# Exercise instructions:
Go through the records line by line and work out how many lines hold the word "DOOR". Answer with the number only.
[[ Data for this task, beginning ]]
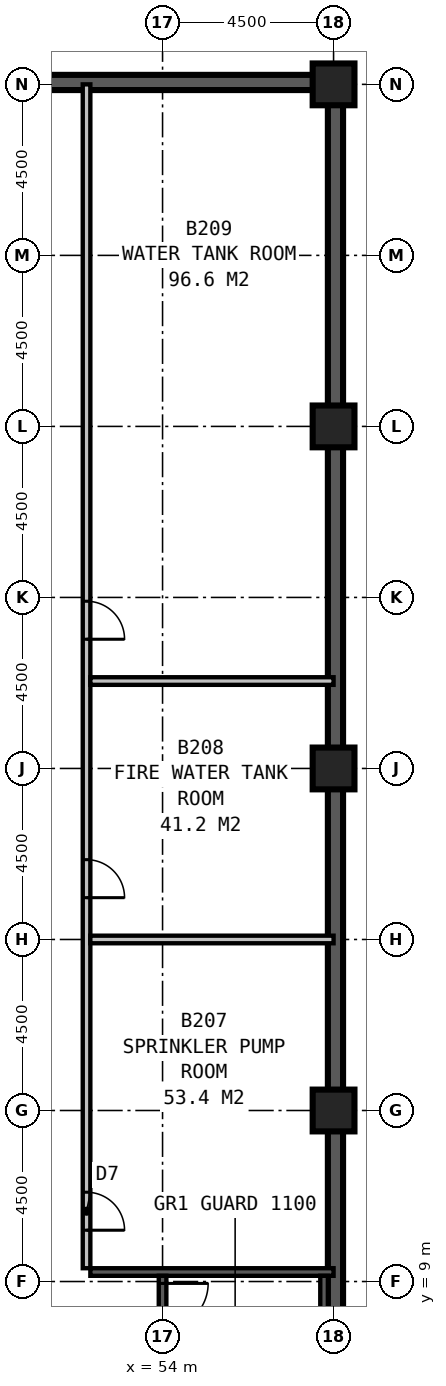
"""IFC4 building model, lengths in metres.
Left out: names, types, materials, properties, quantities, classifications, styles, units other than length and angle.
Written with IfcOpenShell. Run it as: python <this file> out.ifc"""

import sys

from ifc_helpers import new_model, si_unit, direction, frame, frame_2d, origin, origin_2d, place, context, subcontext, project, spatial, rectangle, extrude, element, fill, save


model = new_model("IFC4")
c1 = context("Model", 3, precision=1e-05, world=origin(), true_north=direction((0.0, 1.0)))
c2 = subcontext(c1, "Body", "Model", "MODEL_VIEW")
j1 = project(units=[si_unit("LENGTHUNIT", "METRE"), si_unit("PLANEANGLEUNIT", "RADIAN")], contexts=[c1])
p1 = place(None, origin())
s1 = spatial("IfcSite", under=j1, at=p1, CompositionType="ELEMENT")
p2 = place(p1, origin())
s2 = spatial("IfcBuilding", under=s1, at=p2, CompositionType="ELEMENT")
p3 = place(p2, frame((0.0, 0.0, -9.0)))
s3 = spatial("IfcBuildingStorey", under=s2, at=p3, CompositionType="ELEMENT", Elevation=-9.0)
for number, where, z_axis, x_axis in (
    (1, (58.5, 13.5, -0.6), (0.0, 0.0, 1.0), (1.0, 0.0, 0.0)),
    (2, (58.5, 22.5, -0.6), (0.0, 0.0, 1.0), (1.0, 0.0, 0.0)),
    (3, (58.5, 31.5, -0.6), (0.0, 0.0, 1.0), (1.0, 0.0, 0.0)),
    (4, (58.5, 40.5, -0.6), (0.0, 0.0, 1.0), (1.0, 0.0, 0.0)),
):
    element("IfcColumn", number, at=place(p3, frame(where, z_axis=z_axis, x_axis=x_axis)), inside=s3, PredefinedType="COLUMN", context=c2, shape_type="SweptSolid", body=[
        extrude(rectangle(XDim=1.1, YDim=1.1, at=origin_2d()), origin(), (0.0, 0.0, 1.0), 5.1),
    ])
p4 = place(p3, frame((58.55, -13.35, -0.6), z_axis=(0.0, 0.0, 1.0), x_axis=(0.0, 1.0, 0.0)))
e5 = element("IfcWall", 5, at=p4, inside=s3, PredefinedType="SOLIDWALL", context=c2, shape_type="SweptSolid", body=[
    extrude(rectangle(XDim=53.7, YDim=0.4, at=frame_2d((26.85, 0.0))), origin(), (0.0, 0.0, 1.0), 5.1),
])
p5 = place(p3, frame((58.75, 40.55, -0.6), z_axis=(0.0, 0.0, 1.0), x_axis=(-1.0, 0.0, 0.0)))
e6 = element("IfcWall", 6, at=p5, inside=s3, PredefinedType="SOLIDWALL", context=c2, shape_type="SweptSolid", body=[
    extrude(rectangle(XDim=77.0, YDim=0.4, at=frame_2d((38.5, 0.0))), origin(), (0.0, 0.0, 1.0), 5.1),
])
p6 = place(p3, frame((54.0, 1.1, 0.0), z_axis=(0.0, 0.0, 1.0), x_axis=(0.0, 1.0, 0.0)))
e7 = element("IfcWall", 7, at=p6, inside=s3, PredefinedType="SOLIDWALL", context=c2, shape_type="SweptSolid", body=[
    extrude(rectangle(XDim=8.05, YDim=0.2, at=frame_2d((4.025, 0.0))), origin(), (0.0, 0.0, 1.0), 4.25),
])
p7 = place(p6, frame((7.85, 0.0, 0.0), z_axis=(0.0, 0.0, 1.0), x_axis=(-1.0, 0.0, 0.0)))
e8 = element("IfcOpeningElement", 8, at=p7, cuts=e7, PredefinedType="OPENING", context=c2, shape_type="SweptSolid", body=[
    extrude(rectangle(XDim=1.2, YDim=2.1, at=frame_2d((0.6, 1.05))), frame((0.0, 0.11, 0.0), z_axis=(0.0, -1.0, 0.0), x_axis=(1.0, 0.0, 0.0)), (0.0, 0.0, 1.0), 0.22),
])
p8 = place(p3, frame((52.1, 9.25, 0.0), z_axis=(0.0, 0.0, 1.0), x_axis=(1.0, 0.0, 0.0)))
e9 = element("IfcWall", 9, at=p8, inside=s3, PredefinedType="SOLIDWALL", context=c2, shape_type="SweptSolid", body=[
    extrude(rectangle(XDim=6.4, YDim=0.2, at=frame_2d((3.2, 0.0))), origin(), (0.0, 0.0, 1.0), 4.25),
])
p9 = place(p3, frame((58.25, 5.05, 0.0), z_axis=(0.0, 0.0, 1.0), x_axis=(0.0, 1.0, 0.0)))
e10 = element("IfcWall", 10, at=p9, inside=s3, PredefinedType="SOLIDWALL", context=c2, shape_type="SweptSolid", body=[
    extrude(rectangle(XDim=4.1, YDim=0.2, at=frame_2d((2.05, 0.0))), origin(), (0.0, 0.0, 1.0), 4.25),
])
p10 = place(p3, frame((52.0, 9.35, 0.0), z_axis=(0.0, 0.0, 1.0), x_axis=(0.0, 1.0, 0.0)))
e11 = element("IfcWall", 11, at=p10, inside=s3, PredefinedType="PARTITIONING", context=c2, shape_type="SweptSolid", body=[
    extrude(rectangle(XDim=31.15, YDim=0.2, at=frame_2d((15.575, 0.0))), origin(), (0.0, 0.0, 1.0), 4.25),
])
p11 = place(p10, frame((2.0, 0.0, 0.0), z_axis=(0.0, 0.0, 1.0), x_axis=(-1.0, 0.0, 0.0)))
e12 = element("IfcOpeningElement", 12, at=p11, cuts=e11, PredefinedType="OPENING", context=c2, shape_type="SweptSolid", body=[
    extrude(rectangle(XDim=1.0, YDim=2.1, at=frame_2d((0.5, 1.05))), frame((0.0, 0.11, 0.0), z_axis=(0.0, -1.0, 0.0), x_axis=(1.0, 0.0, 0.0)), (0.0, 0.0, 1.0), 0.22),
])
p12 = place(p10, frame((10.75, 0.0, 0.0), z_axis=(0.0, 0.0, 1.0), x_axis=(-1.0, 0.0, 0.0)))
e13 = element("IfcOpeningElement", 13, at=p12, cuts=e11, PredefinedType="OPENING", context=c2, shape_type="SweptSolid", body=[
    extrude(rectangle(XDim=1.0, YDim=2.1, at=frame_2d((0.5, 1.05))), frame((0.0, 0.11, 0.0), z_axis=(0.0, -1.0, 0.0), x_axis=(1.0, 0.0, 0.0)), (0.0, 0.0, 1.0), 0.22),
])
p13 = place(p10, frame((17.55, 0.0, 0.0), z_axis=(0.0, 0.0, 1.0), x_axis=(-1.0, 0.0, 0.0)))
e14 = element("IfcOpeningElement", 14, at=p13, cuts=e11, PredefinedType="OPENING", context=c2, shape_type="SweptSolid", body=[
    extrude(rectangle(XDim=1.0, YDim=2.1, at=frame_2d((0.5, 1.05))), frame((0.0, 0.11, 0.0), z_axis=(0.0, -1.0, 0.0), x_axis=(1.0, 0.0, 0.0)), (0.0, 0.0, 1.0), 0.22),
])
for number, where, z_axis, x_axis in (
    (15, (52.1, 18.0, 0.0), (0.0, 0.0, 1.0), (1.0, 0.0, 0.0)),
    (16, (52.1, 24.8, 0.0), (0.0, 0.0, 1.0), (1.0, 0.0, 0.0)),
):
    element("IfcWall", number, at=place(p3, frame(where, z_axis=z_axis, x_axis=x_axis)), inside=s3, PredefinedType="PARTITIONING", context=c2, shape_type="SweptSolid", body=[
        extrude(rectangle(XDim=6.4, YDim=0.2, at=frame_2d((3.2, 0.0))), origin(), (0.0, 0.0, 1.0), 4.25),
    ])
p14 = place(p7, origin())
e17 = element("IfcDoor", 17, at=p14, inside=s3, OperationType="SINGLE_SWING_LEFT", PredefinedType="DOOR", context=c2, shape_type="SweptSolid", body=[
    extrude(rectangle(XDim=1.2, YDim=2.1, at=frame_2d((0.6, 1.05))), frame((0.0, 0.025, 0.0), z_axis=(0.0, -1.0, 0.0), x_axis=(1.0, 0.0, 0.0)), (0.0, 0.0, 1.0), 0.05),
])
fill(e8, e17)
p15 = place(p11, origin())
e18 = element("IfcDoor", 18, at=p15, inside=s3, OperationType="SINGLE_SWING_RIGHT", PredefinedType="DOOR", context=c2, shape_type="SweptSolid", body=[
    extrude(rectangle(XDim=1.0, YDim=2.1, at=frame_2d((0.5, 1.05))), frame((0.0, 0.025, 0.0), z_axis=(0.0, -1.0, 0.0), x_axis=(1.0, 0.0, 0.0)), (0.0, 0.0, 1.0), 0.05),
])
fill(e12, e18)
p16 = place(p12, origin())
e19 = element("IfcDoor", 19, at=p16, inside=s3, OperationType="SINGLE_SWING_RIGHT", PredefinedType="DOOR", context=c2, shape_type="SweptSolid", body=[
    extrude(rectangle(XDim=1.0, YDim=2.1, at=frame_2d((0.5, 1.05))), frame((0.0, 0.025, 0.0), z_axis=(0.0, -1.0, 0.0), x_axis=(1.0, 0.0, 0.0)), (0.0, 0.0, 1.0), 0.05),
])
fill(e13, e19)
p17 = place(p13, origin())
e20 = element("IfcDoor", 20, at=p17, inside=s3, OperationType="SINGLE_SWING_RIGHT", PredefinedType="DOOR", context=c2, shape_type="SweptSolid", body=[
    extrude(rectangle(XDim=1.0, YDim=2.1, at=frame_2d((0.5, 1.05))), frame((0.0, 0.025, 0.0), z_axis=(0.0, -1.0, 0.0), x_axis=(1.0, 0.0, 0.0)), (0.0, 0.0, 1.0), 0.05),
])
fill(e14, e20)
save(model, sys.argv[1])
[[ Data for this task, end ]]
# Response for this exercise:
4